What you need to do:
Search each line below for the word "fill" and list those that contain it.

Supplied data START

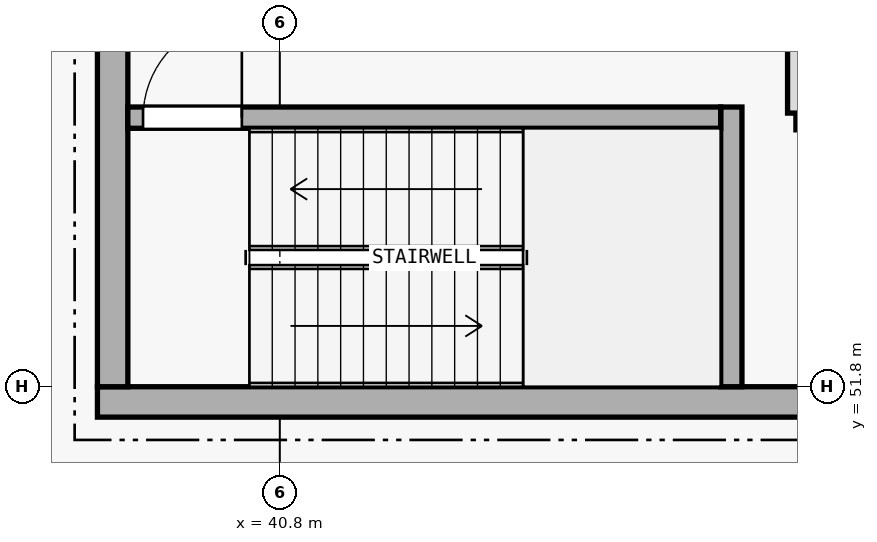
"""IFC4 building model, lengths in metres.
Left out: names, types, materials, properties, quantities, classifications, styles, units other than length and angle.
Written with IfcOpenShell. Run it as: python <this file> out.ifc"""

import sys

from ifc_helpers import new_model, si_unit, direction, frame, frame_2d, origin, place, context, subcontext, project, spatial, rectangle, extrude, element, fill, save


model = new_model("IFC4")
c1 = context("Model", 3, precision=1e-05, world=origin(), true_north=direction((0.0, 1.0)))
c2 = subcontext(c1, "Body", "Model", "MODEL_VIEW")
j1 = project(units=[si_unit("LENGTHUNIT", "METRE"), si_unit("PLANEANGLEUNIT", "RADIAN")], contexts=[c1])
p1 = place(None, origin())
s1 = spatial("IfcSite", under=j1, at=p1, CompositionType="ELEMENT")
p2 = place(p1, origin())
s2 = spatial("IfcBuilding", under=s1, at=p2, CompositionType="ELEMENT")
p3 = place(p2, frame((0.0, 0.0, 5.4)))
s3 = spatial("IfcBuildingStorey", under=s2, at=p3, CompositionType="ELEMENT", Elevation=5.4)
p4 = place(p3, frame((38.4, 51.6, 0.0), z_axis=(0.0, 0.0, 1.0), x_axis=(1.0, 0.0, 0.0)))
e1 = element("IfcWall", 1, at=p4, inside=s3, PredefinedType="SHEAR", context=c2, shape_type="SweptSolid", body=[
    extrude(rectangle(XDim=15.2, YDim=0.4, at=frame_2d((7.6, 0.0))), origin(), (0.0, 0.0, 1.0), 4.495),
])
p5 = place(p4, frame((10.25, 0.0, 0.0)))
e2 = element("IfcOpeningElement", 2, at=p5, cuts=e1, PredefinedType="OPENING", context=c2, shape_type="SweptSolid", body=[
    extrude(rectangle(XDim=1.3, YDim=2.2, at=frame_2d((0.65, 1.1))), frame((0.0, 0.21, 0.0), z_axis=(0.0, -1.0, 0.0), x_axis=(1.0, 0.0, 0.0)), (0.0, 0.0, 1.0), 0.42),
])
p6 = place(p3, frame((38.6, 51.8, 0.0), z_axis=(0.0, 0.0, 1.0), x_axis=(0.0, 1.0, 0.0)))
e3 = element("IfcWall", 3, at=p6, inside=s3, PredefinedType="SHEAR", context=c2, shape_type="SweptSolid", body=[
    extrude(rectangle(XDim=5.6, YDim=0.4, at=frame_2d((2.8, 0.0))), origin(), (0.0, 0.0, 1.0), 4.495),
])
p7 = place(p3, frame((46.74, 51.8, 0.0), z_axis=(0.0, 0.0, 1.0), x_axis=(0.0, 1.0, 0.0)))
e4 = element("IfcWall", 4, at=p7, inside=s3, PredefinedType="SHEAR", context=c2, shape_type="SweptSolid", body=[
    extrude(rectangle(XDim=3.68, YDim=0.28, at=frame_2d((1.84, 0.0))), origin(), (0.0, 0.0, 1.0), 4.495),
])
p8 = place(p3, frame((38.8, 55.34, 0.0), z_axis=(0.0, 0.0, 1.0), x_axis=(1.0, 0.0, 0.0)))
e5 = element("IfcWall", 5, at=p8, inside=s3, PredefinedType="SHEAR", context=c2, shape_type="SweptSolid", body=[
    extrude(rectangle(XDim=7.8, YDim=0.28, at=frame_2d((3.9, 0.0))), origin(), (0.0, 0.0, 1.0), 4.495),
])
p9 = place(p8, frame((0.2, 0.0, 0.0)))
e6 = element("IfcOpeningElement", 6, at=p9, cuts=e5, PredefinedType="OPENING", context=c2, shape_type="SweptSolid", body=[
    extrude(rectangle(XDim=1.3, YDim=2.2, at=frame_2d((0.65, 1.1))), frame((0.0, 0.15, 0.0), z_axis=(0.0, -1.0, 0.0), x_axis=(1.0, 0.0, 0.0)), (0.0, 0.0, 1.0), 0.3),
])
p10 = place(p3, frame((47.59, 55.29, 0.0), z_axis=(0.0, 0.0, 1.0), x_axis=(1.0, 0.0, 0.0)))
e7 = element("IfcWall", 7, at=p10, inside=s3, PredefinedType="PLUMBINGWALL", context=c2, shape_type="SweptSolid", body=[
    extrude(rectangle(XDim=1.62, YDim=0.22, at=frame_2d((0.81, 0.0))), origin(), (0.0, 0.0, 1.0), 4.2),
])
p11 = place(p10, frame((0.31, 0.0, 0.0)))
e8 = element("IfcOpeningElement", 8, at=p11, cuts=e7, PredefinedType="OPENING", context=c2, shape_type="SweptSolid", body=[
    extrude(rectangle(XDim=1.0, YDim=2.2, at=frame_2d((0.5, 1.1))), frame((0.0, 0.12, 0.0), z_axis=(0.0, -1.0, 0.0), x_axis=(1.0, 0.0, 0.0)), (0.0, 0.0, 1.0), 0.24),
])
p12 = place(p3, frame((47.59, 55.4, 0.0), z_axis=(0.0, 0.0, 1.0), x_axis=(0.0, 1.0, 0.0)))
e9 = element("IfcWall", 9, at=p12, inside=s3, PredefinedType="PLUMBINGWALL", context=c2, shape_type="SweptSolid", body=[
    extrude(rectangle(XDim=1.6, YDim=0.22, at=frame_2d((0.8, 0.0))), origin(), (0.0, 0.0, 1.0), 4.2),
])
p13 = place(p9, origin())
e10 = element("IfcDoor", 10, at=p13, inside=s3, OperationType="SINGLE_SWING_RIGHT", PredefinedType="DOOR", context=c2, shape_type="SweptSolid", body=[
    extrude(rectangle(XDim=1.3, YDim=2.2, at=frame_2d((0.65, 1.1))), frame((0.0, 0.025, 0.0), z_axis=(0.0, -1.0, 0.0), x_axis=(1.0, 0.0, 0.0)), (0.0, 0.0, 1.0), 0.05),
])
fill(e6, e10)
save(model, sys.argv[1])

Supplied data END

Reply to the exercise:
from ifc_helpers import new_model, si_unit, direction, frame, frame_2d, origin, place, context, subcontext, project, spatial, rectangle, extrude, element, fill, save
fill(e6, e10)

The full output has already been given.